_Work item_. Only the lines holding "origin" are wanted; find them in the listing and return each one.
▼▼▼
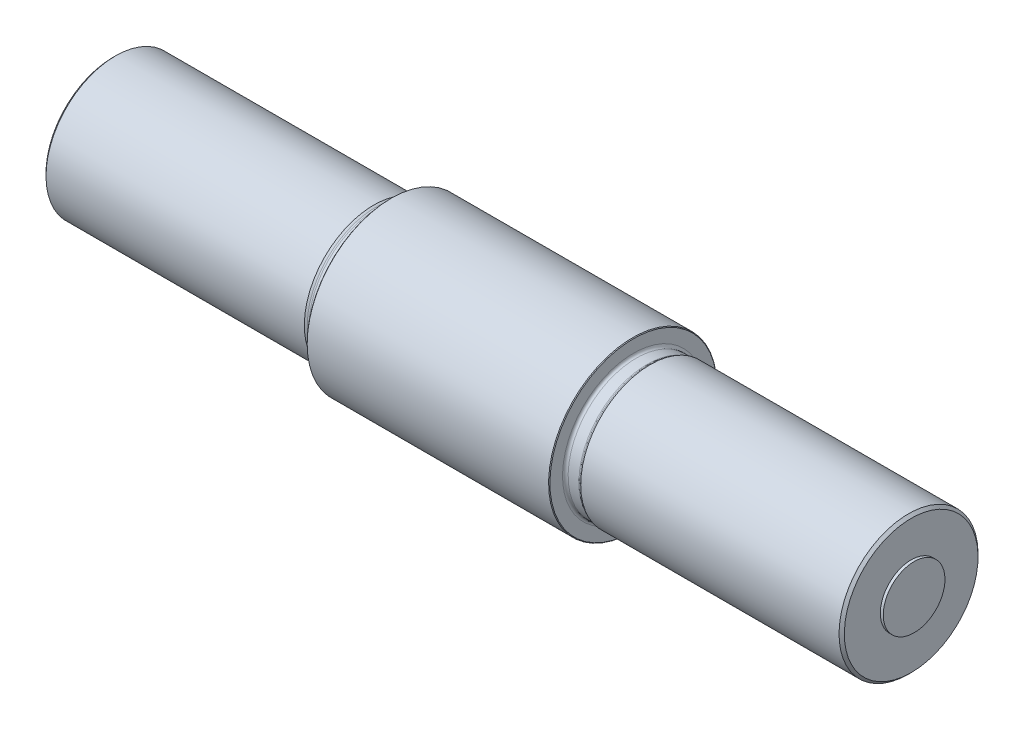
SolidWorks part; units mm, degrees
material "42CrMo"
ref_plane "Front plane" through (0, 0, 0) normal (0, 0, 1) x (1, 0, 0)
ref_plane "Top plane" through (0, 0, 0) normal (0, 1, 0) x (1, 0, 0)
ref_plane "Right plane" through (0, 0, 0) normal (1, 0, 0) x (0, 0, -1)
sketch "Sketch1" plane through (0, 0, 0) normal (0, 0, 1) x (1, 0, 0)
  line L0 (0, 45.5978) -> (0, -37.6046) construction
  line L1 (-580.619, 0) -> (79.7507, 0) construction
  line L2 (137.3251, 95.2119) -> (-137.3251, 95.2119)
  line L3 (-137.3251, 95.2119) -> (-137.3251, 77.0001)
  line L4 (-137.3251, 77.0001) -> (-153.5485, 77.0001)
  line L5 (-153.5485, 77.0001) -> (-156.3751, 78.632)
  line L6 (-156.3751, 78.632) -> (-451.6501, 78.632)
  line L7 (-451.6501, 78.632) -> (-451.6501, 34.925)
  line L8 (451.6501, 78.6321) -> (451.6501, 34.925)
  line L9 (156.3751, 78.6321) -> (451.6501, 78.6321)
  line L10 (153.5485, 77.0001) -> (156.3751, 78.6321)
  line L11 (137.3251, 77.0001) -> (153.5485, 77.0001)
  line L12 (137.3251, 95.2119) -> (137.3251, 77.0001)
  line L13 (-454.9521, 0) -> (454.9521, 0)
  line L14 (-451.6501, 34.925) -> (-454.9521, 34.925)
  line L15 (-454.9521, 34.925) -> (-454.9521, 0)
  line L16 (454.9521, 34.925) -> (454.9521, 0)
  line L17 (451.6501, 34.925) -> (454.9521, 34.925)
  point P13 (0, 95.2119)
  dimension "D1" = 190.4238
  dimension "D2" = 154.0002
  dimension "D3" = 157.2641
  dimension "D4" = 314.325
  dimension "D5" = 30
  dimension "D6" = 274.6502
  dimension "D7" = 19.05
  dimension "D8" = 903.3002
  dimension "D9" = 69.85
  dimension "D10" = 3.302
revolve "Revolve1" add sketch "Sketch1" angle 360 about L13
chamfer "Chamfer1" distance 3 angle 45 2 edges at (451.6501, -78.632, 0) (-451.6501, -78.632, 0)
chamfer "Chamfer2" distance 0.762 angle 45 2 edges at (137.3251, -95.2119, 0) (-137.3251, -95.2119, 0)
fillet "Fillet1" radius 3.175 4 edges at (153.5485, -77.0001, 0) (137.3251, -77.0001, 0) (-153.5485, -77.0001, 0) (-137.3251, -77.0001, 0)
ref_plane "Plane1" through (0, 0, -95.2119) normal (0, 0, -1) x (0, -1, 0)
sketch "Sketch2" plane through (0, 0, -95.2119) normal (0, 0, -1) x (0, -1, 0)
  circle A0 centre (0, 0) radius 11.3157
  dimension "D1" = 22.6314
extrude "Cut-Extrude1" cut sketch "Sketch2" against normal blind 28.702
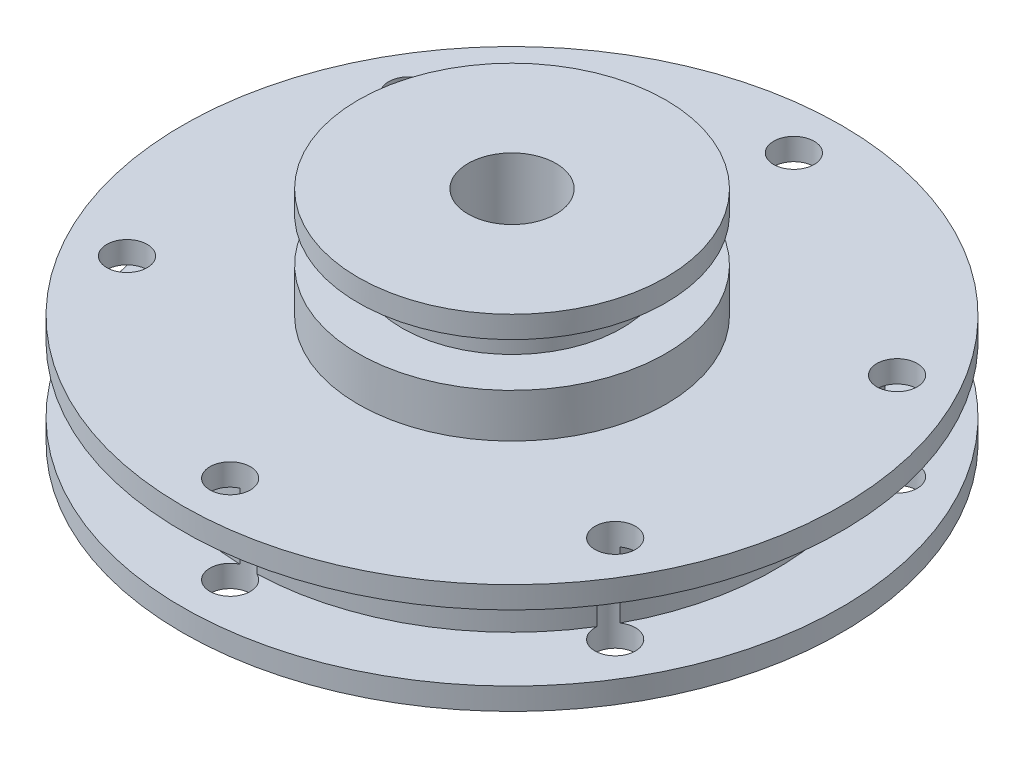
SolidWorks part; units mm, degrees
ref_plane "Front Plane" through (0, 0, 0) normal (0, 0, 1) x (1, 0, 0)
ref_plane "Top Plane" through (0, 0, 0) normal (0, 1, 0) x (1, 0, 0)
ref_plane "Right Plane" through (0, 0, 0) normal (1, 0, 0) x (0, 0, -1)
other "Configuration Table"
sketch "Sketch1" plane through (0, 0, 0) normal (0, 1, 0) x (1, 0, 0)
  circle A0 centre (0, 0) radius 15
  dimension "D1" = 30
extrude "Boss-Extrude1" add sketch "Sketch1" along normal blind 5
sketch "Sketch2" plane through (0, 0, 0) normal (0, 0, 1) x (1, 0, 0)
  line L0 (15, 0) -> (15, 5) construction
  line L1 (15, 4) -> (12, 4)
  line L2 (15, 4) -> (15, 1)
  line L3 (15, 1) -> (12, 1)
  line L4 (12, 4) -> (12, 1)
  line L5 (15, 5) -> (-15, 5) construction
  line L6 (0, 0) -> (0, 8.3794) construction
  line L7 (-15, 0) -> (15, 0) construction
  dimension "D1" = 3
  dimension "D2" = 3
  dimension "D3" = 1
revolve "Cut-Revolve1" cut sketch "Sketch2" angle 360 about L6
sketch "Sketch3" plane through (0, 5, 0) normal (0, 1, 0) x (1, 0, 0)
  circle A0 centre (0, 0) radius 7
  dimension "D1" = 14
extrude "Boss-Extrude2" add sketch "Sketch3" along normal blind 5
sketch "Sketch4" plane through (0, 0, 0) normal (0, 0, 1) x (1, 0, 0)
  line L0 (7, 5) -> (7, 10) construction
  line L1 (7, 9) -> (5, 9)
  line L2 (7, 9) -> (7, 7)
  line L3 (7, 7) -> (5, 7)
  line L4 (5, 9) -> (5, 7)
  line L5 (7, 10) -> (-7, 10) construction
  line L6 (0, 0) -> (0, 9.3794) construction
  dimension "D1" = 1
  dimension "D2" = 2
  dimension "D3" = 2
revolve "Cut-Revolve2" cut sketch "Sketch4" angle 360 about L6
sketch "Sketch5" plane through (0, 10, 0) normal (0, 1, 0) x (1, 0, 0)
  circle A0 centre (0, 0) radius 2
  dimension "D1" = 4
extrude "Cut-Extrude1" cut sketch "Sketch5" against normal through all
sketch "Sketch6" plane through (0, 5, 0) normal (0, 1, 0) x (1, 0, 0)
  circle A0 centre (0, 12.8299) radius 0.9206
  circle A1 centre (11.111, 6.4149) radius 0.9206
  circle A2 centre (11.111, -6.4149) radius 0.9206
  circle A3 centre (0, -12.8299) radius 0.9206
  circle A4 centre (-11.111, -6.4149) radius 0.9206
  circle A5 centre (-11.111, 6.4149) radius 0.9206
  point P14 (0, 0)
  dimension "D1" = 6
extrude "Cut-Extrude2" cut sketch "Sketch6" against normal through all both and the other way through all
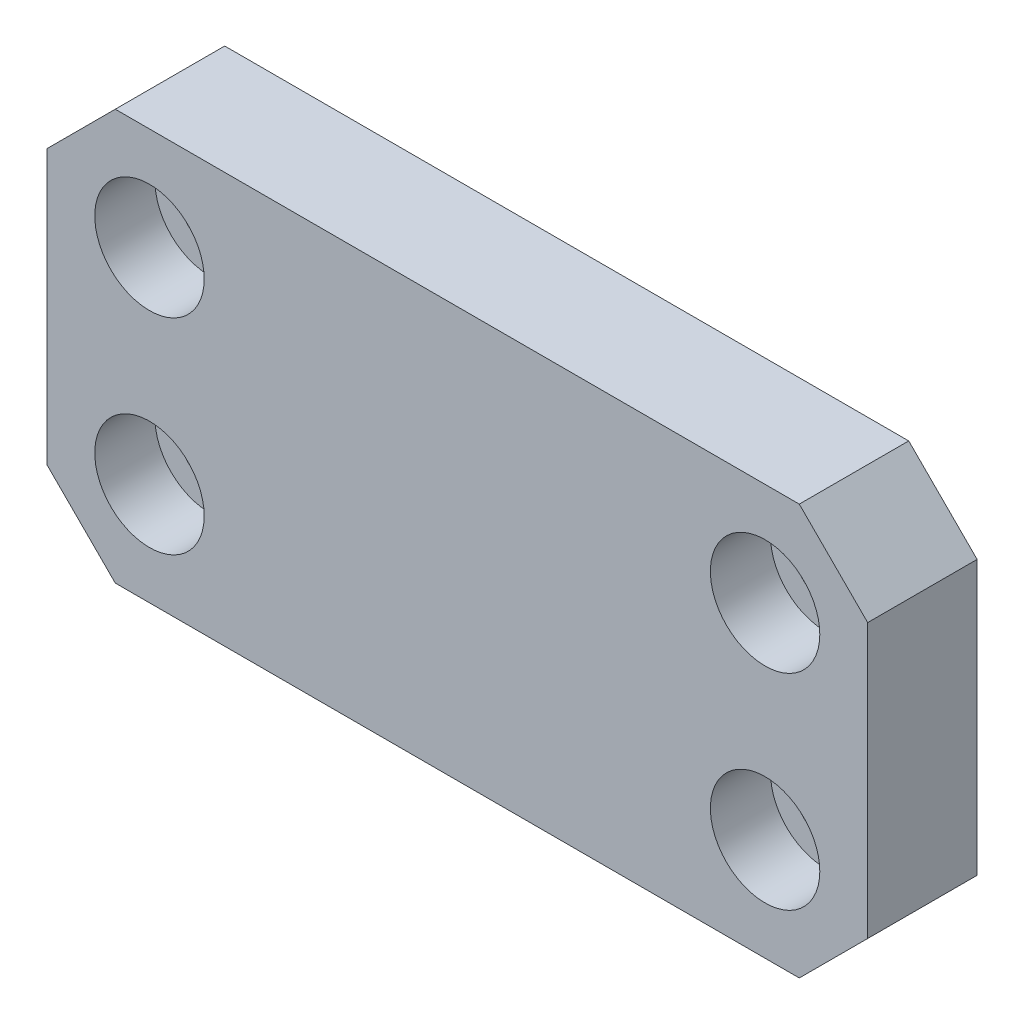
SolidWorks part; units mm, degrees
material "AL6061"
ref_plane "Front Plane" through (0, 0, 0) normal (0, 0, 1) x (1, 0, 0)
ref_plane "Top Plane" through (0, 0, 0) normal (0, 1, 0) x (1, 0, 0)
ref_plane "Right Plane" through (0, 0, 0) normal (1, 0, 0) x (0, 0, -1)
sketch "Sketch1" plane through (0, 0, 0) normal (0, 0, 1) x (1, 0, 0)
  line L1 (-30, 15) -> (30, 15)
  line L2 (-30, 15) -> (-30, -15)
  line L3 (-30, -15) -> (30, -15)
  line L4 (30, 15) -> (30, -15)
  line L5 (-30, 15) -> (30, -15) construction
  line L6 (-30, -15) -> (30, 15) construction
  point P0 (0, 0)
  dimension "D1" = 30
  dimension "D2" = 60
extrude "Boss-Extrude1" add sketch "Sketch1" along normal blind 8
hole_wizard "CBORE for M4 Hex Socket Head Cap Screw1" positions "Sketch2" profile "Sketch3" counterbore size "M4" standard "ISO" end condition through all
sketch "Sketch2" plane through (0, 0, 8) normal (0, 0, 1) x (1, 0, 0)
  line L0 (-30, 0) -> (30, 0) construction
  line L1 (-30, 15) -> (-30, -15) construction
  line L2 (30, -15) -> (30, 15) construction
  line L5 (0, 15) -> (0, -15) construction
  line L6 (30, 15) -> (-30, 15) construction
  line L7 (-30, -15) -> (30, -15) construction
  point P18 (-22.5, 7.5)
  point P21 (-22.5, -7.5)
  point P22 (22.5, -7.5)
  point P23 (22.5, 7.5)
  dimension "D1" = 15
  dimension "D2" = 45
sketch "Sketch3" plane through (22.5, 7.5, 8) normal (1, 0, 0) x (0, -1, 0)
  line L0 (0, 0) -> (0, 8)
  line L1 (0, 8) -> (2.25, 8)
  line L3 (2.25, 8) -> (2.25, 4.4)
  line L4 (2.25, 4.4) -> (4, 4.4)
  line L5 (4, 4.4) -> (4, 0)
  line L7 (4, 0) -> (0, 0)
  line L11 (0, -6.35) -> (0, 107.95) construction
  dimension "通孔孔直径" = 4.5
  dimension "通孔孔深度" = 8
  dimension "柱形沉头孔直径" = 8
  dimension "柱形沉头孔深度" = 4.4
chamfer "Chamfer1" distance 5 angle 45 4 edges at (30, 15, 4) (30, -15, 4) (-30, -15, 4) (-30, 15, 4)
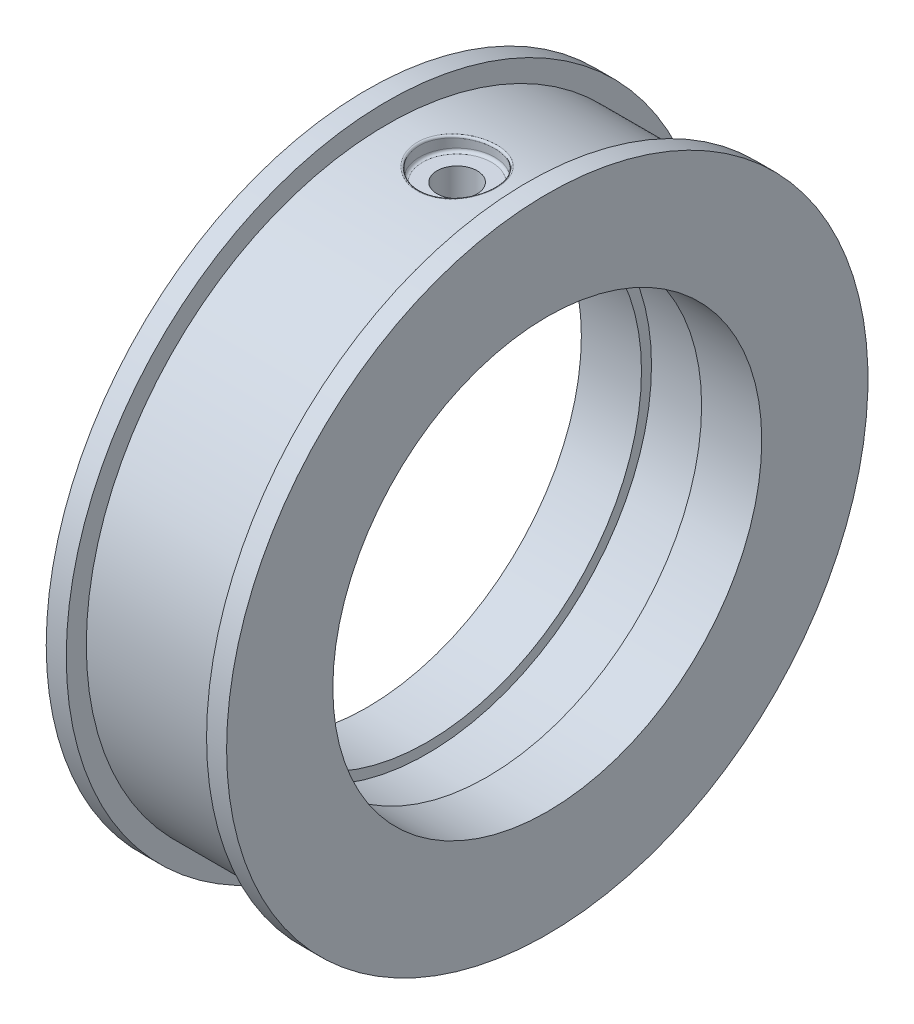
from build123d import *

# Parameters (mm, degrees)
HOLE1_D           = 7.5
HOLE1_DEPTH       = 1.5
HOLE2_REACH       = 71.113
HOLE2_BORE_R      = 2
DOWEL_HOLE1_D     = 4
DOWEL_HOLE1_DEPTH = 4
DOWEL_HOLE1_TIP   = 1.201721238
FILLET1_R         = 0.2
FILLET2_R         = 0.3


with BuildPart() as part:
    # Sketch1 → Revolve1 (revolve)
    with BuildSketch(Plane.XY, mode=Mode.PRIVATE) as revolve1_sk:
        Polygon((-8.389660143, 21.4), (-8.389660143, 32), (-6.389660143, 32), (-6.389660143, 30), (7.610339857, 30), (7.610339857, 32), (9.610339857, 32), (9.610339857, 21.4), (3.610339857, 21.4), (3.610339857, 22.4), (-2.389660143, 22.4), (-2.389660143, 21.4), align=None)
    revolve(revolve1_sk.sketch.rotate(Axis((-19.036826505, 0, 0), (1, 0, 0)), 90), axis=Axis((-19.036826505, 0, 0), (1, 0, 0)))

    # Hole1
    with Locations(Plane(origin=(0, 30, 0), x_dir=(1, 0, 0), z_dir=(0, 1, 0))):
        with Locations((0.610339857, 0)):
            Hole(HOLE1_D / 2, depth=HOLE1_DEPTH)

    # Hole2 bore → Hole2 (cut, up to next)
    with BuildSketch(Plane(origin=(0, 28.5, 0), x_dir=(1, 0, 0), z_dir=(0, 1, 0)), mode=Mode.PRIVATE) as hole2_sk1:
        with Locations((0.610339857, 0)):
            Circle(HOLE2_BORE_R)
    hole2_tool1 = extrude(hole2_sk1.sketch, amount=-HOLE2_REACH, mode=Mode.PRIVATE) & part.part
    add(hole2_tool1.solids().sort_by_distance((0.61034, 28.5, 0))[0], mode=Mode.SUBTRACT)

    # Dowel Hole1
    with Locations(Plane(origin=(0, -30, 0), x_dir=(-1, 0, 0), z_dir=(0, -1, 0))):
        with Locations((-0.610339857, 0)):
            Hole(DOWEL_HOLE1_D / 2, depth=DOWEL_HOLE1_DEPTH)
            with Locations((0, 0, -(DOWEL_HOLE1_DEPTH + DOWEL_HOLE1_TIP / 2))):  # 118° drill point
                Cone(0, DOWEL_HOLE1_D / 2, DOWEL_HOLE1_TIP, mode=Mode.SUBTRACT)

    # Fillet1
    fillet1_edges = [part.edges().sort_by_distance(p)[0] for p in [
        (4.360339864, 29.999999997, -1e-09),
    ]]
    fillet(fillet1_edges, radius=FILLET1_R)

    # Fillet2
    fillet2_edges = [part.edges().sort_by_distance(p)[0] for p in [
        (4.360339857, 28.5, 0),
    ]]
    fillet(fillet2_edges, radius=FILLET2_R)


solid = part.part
▲▲▲
_Exercise solution_.
    with Locations(Plane(origin=(0, 30, 0), x_dir=(1, 0, 0), z_dir=(0, 1, 0))):
    with BuildSketch(Plane(origin=(0, 28.5, 0), x_dir=(1, 0, 0), z_dir=(0, 1, 0)), mode=Mode.PRIVATE) as hole2_sk1:
    with Locations(Plane(origin=(0, -30, 0), x_dir=(-1, 0, 0), z_dir=(0, -1, 0))):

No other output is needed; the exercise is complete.